What to produce - Please read the records below and return each line holding the string "save".

Material for this task -
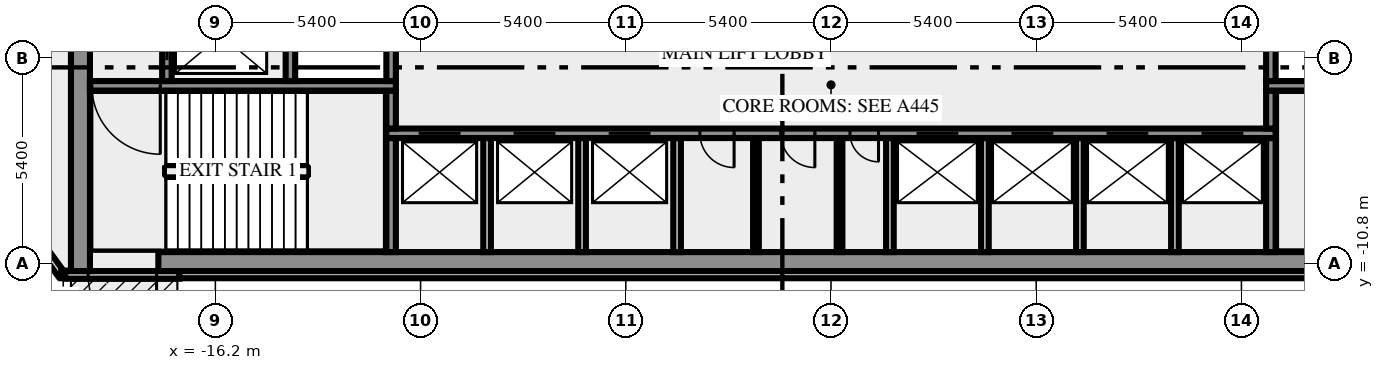
"""IFC4 building model, lengths in metres.
Left out: names, types, materials, properties, quantities, classifications, styles, units other than length and angle.
Written with IfcOpenShell. Run it as: python <this file> out.ifc"""

import sys

from ifc_helpers import new_model, si_unit, direction, frame, frame_2d, origin, place, context, subcontext, project, spatial, rectangle, extrude, element, fill, save


model = new_model("IFC4")
c1 = context("Model", 3, precision=1e-05, world=origin(), true_north=direction((0.0, 1.0)))
c2 = subcontext(c1, "Body", "Model", "MODEL_VIEW")
j1 = project(units=[si_unit("LENGTHUNIT", "METRE"), si_unit("PLANEANGLEUNIT", "RADIAN")], contexts=[c1])
p1 = place(None, origin())
s1 = spatial("IfcSite", under=j1, at=p1, CompositionType="ELEMENT")
p2 = place(p1, origin())
s2 = spatial("IfcBuilding", under=s1, at=p2, CompositionType="ELEMENT")
p3 = place(p2, origin())
s3 = spatial("IfcBuildingStorey", under=s2, at=p3, CompositionType="ELEMENT", Elevation=0.0)
p4 = place(p3, frame((-21.833, -8.909, 0.0), z_axis=(0.0, 0.0, 1.0), x_axis=(0.587766567315, -0.809030569476, 0.0)))
e1 = element("IfcWall", 1, at=p4, inside=s3, PredefinedType="SOLIDWALL", context=c2, shape_type="SweptSolid", body=[
    extrude(rectangle(XDim=2.688, YDim=0.2, at=frame_2d((1.344, 0.0))), origin(), (0.0, 0.0, 1.0), 5.6),
])
p5 = place(p3, frame((-20.256, -11.088, 0.0), z_axis=(0.0, 0.0, 1.0), x_axis=(1.0, 0.0, 0.0)))
e2 = element("IfcWall", 2, at=p5, inside=s3, PredefinedType="SOLIDWALL", context=c2, shape_type="SweptSolid", body=[
    extrude(rectangle(XDim=0.105, YDim=0.2, at=frame_2d((0.053, 0.0))), origin(), (0.0, 0.0, 1.0), 5.6),
])
p6 = place(p3, frame((-17.143, -11.1, 0.0), z_axis=(0.0, 0.0, 1.0), x_axis=(-1.0, 0.0, 0.0)))
e3 = element("IfcWall", 3, at=p6, inside=s3, PredefinedType="SOLIDWALL", context=c2, shape_type="SweptSolid", body=[
    extrude(rectangle(XDim=3.008, YDim=0.2, at=frame_2d((1.504, 0.0))), origin(), (0.0, 0.0, 1.0), 5.6),
])
p7 = place(p6, frame((0.604, 0.0, 0.0)))
e4 = element("IfcOpeningElement", 4, at=p7, cuts=e3, PredefinedType="OPENING", context=c2, shape_type="SweptSolid", body=[
    extrude(rectangle(XDim=1.8, YDim=2.2, at=frame_2d((0.9, 1.1))), frame((0.0, 0.11, 0.0), z_axis=(0.0, -1.0, 0.0), x_axis=(1.0, 0.0, 0.0)), (0.0, 0.0, 1.0), 0.22),
])
p8 = place(p3, frame((-17.143, -11.088, 0.0), z_axis=(0.0, 0.0, 1.0), x_axis=(1.0, 0.0, 0.0)))
e5 = element("IfcWall", 5, at=p8, inside=s3, PredefinedType="SOLIDWALL", context=c2, shape_type="SweptSolid", body=[
    extrude(rectangle(XDim=34.287, YDim=0.2, at=frame_2d((17.143, 0.0))), origin(), (0.0, 0.0, 1.0), 5.6),
])
p9 = place(p3, frame((-19.75, -11.0, 0.0), z_axis=(0.0, 0.0, 1.0), x_axis=(0.0, 1.0, 0.0)))
e6 = element("IfcWall", 6, at=p9, inside=s3, PredefinedType="SHEAR", context=c2, shape_type="SweptSolid", body=[
    extrude(rectangle(XDim=9.3, YDim=0.5, at=frame_2d((4.65, 0.0))), origin(), (0.0, 0.0, 1.0), 5.6),
])
p10 = place(p3, frame((-17.7, -10.75, 0.0), z_axis=(0.0, 0.0, 1.0), x_axis=(1.0, 0.0, 0.0)))
e7 = element("IfcWall", 7, at=p10, inside=s3, PredefinedType="SHEAR", context=c2, shape_type="SweptSolid", body=[
    extrude(rectangle(XDim=35.4, YDim=0.5, at=frame_2d((17.7, 0.0))), origin(), (0.0, 0.0, 1.0), 5.6),
])
p11 = place(p3, frame((-11.575, -10.5, 0.0), z_axis=(0.0, 0.0, 1.0), x_axis=(0.0, 1.0, 0.0)))
e8 = element("IfcWall", 8, at=p11, inside=s3, PredefinedType="SHEAR", context=c2, shape_type="SweptSolid", body=[
    extrude(rectangle(XDim=3.0, YDim=0.25, at=frame_2d((1.5, 0.0))), origin(), (0.0, 0.0, 1.0), 5.6),
])
for number, where, z_axis, x_axis in (
    (9, (-9.05, -10.5, 0.0), (0.0, 0.0, 1.0), (0.0, 1.0, 0.0)),
    (10, (-6.55, -10.5, 0.0), (0.0, 0.0, 1.0), (0.0, 1.0, 0.0)),
    (11, (-4.05, -10.5, 0.0), (0.0, 0.0, 1.0), (0.0, 1.0, 0.0)),
):
    element("IfcWall", number, at=place(p3, frame(where, z_axis=z_axis, x_axis=x_axis)), inside=s3, PredefinedType="SOLIDWALL", context=c2, shape_type="SweptSolid", body=[
        extrude(rectangle(XDim=3.0, YDim=0.2, at=frame_2d((1.5, 0.0))), origin(), (0.0, 0.0, 1.0), 5.6),
    ])
for number, where, z_axis, x_axis in (
    (12, (-1.975, -10.5, 0.0), (0.0, 0.0, 1.0), (0.0, 1.0, 0.0)),
    (13, (0.225, -10.5, 0.0), (0.0, 0.0, 1.0), (0.0, 1.0, 0.0)),
):
    element("IfcWall", number, at=place(p3, frame(where, z_axis=z_axis, x_axis=x_axis)), inside=s3, PredefinedType="PARTITIONING", context=c2, shape_type="SweptSolid", body=[
        extrude(rectangle(XDim=3.0, YDim=0.15, at=frame_2d((1.5, 0.0))), origin(), (0.0, 0.0, 1.0), 5.6),
    ])
for number, where, z_axis, x_axis in (
    (14, (1.55, -10.5, 0.0), (0.0, 0.0, 1.0), (0.0, 1.0, 0.0)),
    (15, (4.05, -10.5, 0.0), (0.0, 0.0, 1.0), (0.0, 1.0, 0.0)),
    (16, (6.55, -10.5, 0.0), (0.0, 0.0, 1.0), (0.0, 1.0, 0.0)),
    (17, (9.05, -10.5, 0.0), (0.0, 0.0, 1.0), (0.0, 1.0, 0.0)),
):
    element("IfcWall", number, at=place(p3, frame(where, z_axis=z_axis, x_axis=x_axis)), inside=s3, PredefinedType="SOLIDWALL", context=c2, shape_type="SweptSolid", body=[
        extrude(rectangle(XDim=3.0, YDim=0.2, at=frame_2d((1.5, 0.0))), origin(), (0.0, 0.0, 1.0), 5.6),
    ])
p12 = place(p3, frame((11.575, -10.5, 0.0), z_axis=(0.0, 0.0, 1.0), x_axis=(0.0, 1.0, 0.0)))
e18 = element("IfcWall", 18, at=p12, inside=s3, PredefinedType="SHEAR", context=c2, shape_type="SweptSolid", body=[
    extrude(rectangle(XDim=3.0, YDim=0.25, at=frame_2d((1.5, 0.0))), origin(), (0.0, 0.0, 1.0), 5.6),
])
p13 = place(p3, frame((11.7, -7.375, 0.0), z_axis=(0.0, 0.0, 1.0), x_axis=(-1.0, 0.0, 0.0)))
e19 = element("IfcWall", 19, at=p13, inside=s3, PredefinedType="SHEAR", context=c2, shape_type="SweptSolid", body=[
    extrude(rectangle(XDim=23.4, YDim=0.25, at=frame_2d((11.7, 0.0))), origin(), (0.0, 0.0, 1.0), 5.6),
])
p14 = place(p13, frame((21.45, 0.0, 0.0)))
e20 = element("IfcOpeningElement", 20, at=p14, cuts=e19, PredefinedType="OPENING", context=c2, shape_type="SweptSolid", body=[
    extrude(rectangle(XDim=1.1, YDim=2.1, at=frame_2d((0.55, 1.05))), frame((0.0, 0.135, 0.0), z_axis=(0.0, -1.0, 0.0), x_axis=(1.0, 0.0, 0.0)), (0.0, 0.0, 1.0), 0.27),
])
p15 = place(p13, frame((18.95, 0.0, 0.0)))
e21 = element("IfcOpeningElement", 21, at=p15, cuts=e19, PredefinedType="OPENING", context=c2, shape_type="SweptSolid", body=[
    extrude(rectangle(XDim=1.1, YDim=2.1, at=frame_2d((0.55, 1.05))), frame((0.0, 0.135, 0.0), z_axis=(0.0, -1.0, 0.0), x_axis=(1.0, 0.0, 0.0)), (0.0, 0.0, 1.0), 0.27),
])
p16 = place(p13, frame((16.45, 0.0, 0.0)))
e22 = element("IfcOpeningElement", 22, at=p16, cuts=e19, PredefinedType="OPENING", context=c2, shape_type="SweptSolid", body=[
    extrude(rectangle(XDim=1.1, YDim=2.1, at=frame_2d((0.55, 1.05))), frame((0.0, 0.135, 0.0), z_axis=(0.0, -1.0, 0.0), x_axis=(1.0, 0.0, 0.0)), (0.0, 0.0, 1.0), 0.27),
])
p17 = place(p13, frame((14.25, 0.0, 0.0)))
e23 = element("IfcOpeningElement", 23, at=p17, cuts=e19, PredefinedType="OPENING", context=c2, shape_type="SweptSolid", body=[
    extrude(rectangle(XDim=0.9, YDim=2.1, at=frame_2d((0.45, 1.05))), frame((0.0, 0.135, 0.0), z_axis=(0.0, -1.0, 0.0), x_axis=(1.0, 0.0, 0.0)), (0.0, 0.0, 1.0), 0.27),
])
p18 = place(p13, frame((12.125, 0.0, 0.0)))
e24 = element("IfcOpeningElement", 24, at=p18, cuts=e19, PredefinedType="OPENING", context=c2, shape_type="SweptSolid", body=[
    extrude(rectangle(XDim=0.9, YDim=2.1, at=frame_2d((0.45, 1.05))), frame((0.0, 0.135, 0.0), z_axis=(0.0, -1.0, 0.0), x_axis=(1.0, 0.0, 0.0)), (0.0, 0.0, 1.0), 0.27),
])
p19 = place(p13, frame((10.45, 0.0, 0.0)))
e25 = element("IfcOpeningElement", 25, at=p19, cuts=e19, PredefinedType="OPENING", context=c2, shape_type="SweptSolid", body=[
    extrude(rectangle(XDim=0.75, YDim=2.1, at=frame_2d((0.375, 1.05))), frame((0.0, 0.135, 0.0), z_axis=(0.0, -1.0, 0.0), x_axis=(1.0, 0.0, 0.0)), (0.0, 0.0, 1.0), 0.27),
])
p20 = place(p13, frame((8.35, 0.0, 0.0)))
e26 = element("IfcOpeningElement", 26, at=p20, cuts=e19, PredefinedType="OPENING", context=c2, shape_type="SweptSolid", body=[
    extrude(rectangle(XDim=1.1, YDim=2.1, at=frame_2d((0.55, 1.05))), frame((0.0, 0.135, 0.0), z_axis=(0.0, -1.0, 0.0), x_axis=(1.0, 0.0, 0.0)), (0.0, 0.0, 1.0), 0.27),
])
p21 = place(p13, frame((5.85, 0.0, 0.0)))
e27 = element("IfcOpeningElement", 27, at=p21, cuts=e19, PredefinedType="OPENING", context=c2, shape_type="SweptSolid", body=[
    extrude(rectangle(XDim=1.1, YDim=2.1, at=frame_2d((0.55, 1.05))), frame((0.0, 0.135, 0.0), z_axis=(0.0, -1.0, 0.0), x_axis=(1.0, 0.0, 0.0)), (0.0, 0.0, 1.0), 0.27),
])
p22 = place(p13, frame((3.35, 0.0, 0.0)))
e28 = element("IfcOpeningElement", 28, at=p22, cuts=e19, PredefinedType="OPENING", context=c2, shape_type="SweptSolid", body=[
    extrude(rectangle(XDim=1.1, YDim=2.1, at=frame_2d((0.55, 1.05))), frame((0.0, 0.135, 0.0), z_axis=(0.0, -1.0, 0.0), x_axis=(1.0, 0.0, 0.0)), (0.0, 0.0, 1.0), 0.27),
])
p23 = place(p13, frame((0.85, 0.0, 0.0)))
e29 = element("IfcOpeningElement", 29, at=p23, cuts=e19, PredefinedType="OPENING", context=c2, shape_type="SweptSolid", body=[
    extrude(rectangle(XDim=1.1, YDim=2.1, at=frame_2d((0.55, 1.05))), frame((0.0, 0.135, 0.0), z_axis=(0.0, -1.0, 0.0), x_axis=(1.0, 0.0, 0.0)), (0.0, 0.0, 1.0), 0.27),
])
for number, where, z_axis, x_axis in (
    (30, (-11.575, -7.25, 0.0), (0.0, 0.0, 1.0), (0.0, 1.0, 0.0)),
    (31, (11.575, -7.25, 0.0), (0.0, 0.0, 1.0), (0.0, 1.0, 0.0)),
):
    element("IfcWall", number, at=place(p3, frame(where, z_axis=z_axis, x_axis=x_axis)), inside=s3, PredefinedType="SHEAR", context=c2, shape_type="SweptSolid", body=[
        extrude(rectangle(XDim=1.0, YDim=0.25, at=frame_2d((0.5, 0.0))), origin(), (0.0, 0.0, 1.0), 5.6),
    ])
p24 = place(p3, frame((-11.45, -6.125, 0.0), z_axis=(0.0, 0.0, 1.0), x_axis=(-1.0, 0.0, 0.0)))
e32 = element("IfcWall", 32, at=p24, inside=s3, PredefinedType="SHEAR", context=c2, shape_type="SweptSolid", body=[
    extrude(rectangle(XDim=8.05, YDim=0.25, at=frame_2d((4.025, 0.0))), origin(), (0.0, 0.0, 1.0), 5.6),
])
p25 = place(p24, frame((6.2, 0.0, 0.0)))
e33 = element("IfcOpeningElement", 33, at=p25, cuts=e32, PredefinedType="OPENING", context=c2, shape_type="SweptSolid", body=[
    extrude(rectangle(XDim=1.8, YDim=2.1, at=frame_2d((0.9, 1.05))), frame((0.0, 0.135, 0.0), z_axis=(0.0, -1.0, 0.0), x_axis=(1.0, 0.0, 0.0)), (0.0, 0.0, 1.0), 0.27),
])
p26 = place(p3, frame((19.5, -6.125, 0.0), z_axis=(0.0, 0.0, 1.0), x_axis=(-1.0, 0.0, 0.0)))
e34 = element("IfcWall", 34, at=p26, inside=s3, PredefinedType="SHEAR", context=c2, shape_type="SweptSolid", body=[
    extrude(rectangle(XDim=8.05, YDim=0.25, at=frame_2d((4.025, 0.0))), origin(), (0.0, 0.0, 1.0), 5.6),
])
p27 = place(p26, frame((0.05, 0.0, 0.0)))
e35 = element("IfcOpeningElement", 35, at=p27, cuts=e34, PredefinedType="OPENING", context=c2, shape_type="SweptSolid", body=[
    extrude(rectangle(XDim=1.8, YDim=2.1, at=frame_2d((0.9, 1.05))), frame((0.0, 0.135, 0.0), z_axis=(0.0, -1.0, 0.0), x_axis=(1.0, 0.0, 0.0)), (0.0, 0.0, 1.0), 0.27),
])
p28 = place(p3, frame((-17.475, -6.0, 0.0), z_axis=(0.0, 0.0, 1.0), x_axis=(0.0, 1.0, 0.0)))
e36 = element("IfcWall", 36, at=p28, inside=s3, PredefinedType="SHEAR", context=c2, shape_type="SweptSolid", body=[
    extrude(rectangle(XDim=4.3, YDim=0.25, at=frame_2d((2.15, 0.0))), origin(), (0.0, 0.0, 1.0), 5.6),
])
p29 = place(p28, frame((0.55, 0.0, 0.0)))
e37 = element("IfcOpeningElement", 37, at=p29, cuts=e36, PredefinedType="OPENING", context=c2, shape_type="SweptSolid", body=[
    extrude(rectangle(XDim=1.3, YDim=2.1, at=frame_2d((0.65, 1.05))), frame((0.0, 0.135, 0.0), z_axis=(0.0, -1.0, 0.0), x_axis=(1.0, 0.0, 0.0)), (0.0, 0.0, 1.0), 0.27),
])
p30 = place(p3, frame((-14.225, -6.0, 0.0), z_axis=(0.0, 0.0, 1.0), x_axis=(0.0, 1.0, 0.0)))
e38 = element("IfcWall", 38, at=p30, inside=s3, PredefinedType="SHEAR", context=c2, shape_type="SweptSolid", body=[
    extrude(rectangle(XDim=4.3, YDim=0.25, at=frame_2d((2.15, 0.0))), origin(), (0.0, 0.0, 1.0), 5.6),
])
for number, where, z_axis, x_axis in (
    (39, (-11.575, -6.0, 0.0), (0.0, 0.0, 1.0), (0.0, 1.0, 0.0)),
    (40, (11.575, -6.0, 0.0), (0.0, 0.0, 1.0), (0.0, 1.0, 0.0)),
):
    element("IfcWall", number, at=place(p3, frame(where, z_axis=z_axis, x_axis=x_axis)), inside=s3, PredefinedType="SHEAR", context=c2, shape_type="SweptSolid", body=[
        extrude(rectangle(XDim=1.75, YDim=0.25, at=frame_2d((0.875, 0.0))), origin(), (0.0, 0.0, 1.0), 5.6),
    ])
p31 = place(p7, origin())
e41 = element("IfcDoor", 41, at=p31, inside=s3, OperationType="DOUBLE_DOOR_SINGLE_SWING", PredefinedType="DOOR", context=c2, shape_type="SweptSolid", body=[
    extrude(rectangle(XDim=1.8, YDim=2.2, at=frame_2d((0.9, 1.1))), frame((0.0, 0.025, 0.0), z_axis=(0.0, -1.0, 0.0), x_axis=(1.0, 0.0, 0.0)), (0.0, 0.0, 1.0), 0.05),
])
fill(e4, e41)
p32 = place(p14, origin())
e42 = element("IfcDoor", 42, at=p32, inside=s3, OperationType="DOUBLE_DOOR_SLIDING", PredefinedType="DOOR", context=c2, shape_type="SweptSolid", body=[
    extrude(rectangle(XDim=1.1, YDim=2.1, at=frame_2d((0.55, 1.05))), frame((0.0, 0.025, 0.0), z_axis=(0.0, -1.0, 0.0), x_axis=(1.0, 0.0, 0.0)), (0.0, 0.0, 1.0), 0.05),
])
fill(e20, e42)
p33 = place(p15, origin())
e43 = element("IfcDoor", 43, at=p33, inside=s3, OperationType="DOUBLE_DOOR_SLIDING", PredefinedType="DOOR", context=c2, shape_type="SweptSolid", body=[
    extrude(rectangle(XDim=1.1, YDim=2.1, at=frame_2d((0.55, 1.05))), frame((0.0, 0.025, 0.0), z_axis=(0.0, -1.0, 0.0), x_axis=(1.0, 0.0, 0.0)), (0.0, 0.0, 1.0), 0.05),
])
fill(e21, e43)
p34 = place(p16, origin())
e44 = element("IfcDoor", 44, at=p34, inside=s3, OperationType="DOUBLE_DOOR_SLIDING", PredefinedType="DOOR", context=c2, shape_type="SweptSolid", body=[
    extrude(rectangle(XDim=1.1, YDim=2.1, at=frame_2d((0.55, 1.05))), frame((0.0, 0.025, 0.0), z_axis=(0.0, -1.0, 0.0), x_axis=(1.0, 0.0, 0.0)), (0.0, 0.0, 1.0), 0.05),
])
fill(e22, e44)
p35 = place(p17, origin())
e45 = element("IfcDoor", 45, at=p35, inside=s3, OperationType="SINGLE_SWING_RIGHT", PredefinedType="DOOR", context=c2, shape_type="SweptSolid", body=[
    extrude(rectangle(XDim=0.9, YDim=2.1, at=frame_2d((0.45, 1.05))), frame((0.0, 0.025, 0.0), z_axis=(0.0, -1.0, 0.0), x_axis=(1.0, 0.0, 0.0)), (0.0, 0.0, 1.0), 0.05),
])
fill(e23, e45)
p36 = place(p18, origin())
e46 = element("IfcDoor", 46, at=p36, inside=s3, OperationType="SINGLE_SWING_RIGHT", PredefinedType="DOOR", context=c2, shape_type="SweptSolid", body=[
    extrude(rectangle(XDim=0.9, YDim=2.1, at=frame_2d((0.45, 1.05))), frame((0.0, 0.025, 0.0), z_axis=(0.0, -1.0, 0.0), x_axis=(1.0, 0.0, 0.0)), (0.0, 0.0, 1.0), 0.05),
])
fill(e24, e46)
p37 = place(p19, origin())
e47 = element("IfcDoor", 47, at=p37, inside=s3, OperationType="SINGLE_SWING_LEFT", PredefinedType="DOOR", context=c2, shape_type="SweptSolid", body=[
    extrude(rectangle(XDim=0.75, YDim=2.1, at=frame_2d((0.375, 1.05))), frame((0.0, 0.025, 0.0), z_axis=(0.0, -1.0, 0.0), x_axis=(1.0, 0.0, 0.0)), (0.0, 0.0, 1.0), 0.05),
])
fill(e25, e47)
p38 = place(p20, origin())
e48 = element("IfcDoor", 48, at=p38, inside=s3, OperationType="DOUBLE_DOOR_SLIDING", PredefinedType="DOOR", context=c2, shape_type="SweptSolid", body=[
    extrude(rectangle(XDim=1.1, YDim=2.1, at=frame_2d((0.55, 1.05))), frame((0.0, 0.025, 0.0), z_axis=(0.0, -1.0, 0.0), x_axis=(1.0, 0.0, 0.0)), (0.0, 0.0, 1.0), 0.05),
])
fill(e26, e48)
p39 = place(p21, origin())
e49 = element("IfcDoor", 49, at=p39, inside=s3, OperationType="DOUBLE_DOOR_SLIDING", PredefinedType="DOOR", context=c2, shape_type="SweptSolid", body=[
    extrude(rectangle(XDim=1.1, YDim=2.1, at=frame_2d((0.55, 1.05))), frame((0.0, 0.025, 0.0), z_axis=(0.0, -1.0, 0.0), x_axis=(1.0, 0.0, 0.0)), (0.0, 0.0, 1.0), 0.05),
])
fill(e27, e49)
p40 = place(p22, origin())
e50 = element("IfcDoor", 50, at=p40, inside=s3, OperationType="DOUBLE_DOOR_SLIDING", PredefinedType="DOOR", context=c2, shape_type="SweptSolid", body=[
    extrude(rectangle(XDim=1.1, YDim=2.1, at=frame_2d((0.55, 1.05))), frame((0.0, 0.025, 0.0), z_axis=(0.0, -1.0, 0.0), x_axis=(1.0, 0.0, 0.0)), (0.0, 0.0, 1.0), 0.05),
])
fill(e28, e50)
p41 = place(p23, origin())
e51 = element("IfcDoor", 51, at=p41, inside=s3, OperationType="DOUBLE_DOOR_SLIDING", PredefinedType="DOOR", context=c2, shape_type="SweptSolid", body=[
    extrude(rectangle(XDim=1.1, YDim=2.1, at=frame_2d((0.55, 1.05))), frame((0.0, 0.025, 0.0), z_axis=(0.0, -1.0, 0.0), x_axis=(1.0, 0.0, 0.0)), (0.0, 0.0, 1.0), 0.05),
])
fill(e29, e51)
p42 = place(p25, origin())
e52 = element("IfcDoor", 52, at=p42, inside=s3, OperationType="DOUBLE_DOOR_SINGLE_SWING", PredefinedType="DOOR", context=c2, shape_type="SweptSolid", body=[
    extrude(rectangle(XDim=1.8, YDim=2.1, at=frame_2d((0.9, 1.05))), frame((0.0, 0.025, 0.0), z_axis=(0.0, -1.0, 0.0), x_axis=(1.0, 0.0, 0.0)), (0.0, 0.0, 1.0), 0.05),
])
fill(e33, e52)
p43 = place(p29, origin())
e53 = element("IfcDoor", 53, at=p43, inside=s3, OperationType="DOUBLE_DOOR_SLIDING", PredefinedType="DOOR", context=c2, shape_type="SweptSolid", body=[
    extrude(rectangle(XDim=1.3, YDim=2.1, at=frame_2d((0.65, 1.05))), frame((0.0, 0.025, 0.0), z_axis=(0.0, -1.0, 0.0), x_axis=(1.0, 0.0, 0.0)), (0.0, 0.0, 1.0), 0.05),
])
fill(e37, e53)
save(model, sys.argv[1])

Exercise answer -
from ifc_helpers import new_model, si_unit, direction, frame, frame_2d, origin, place, context, subcontext, project, spatial, rectangle, extrude, element, fill, save
save(model, sys.argv[1])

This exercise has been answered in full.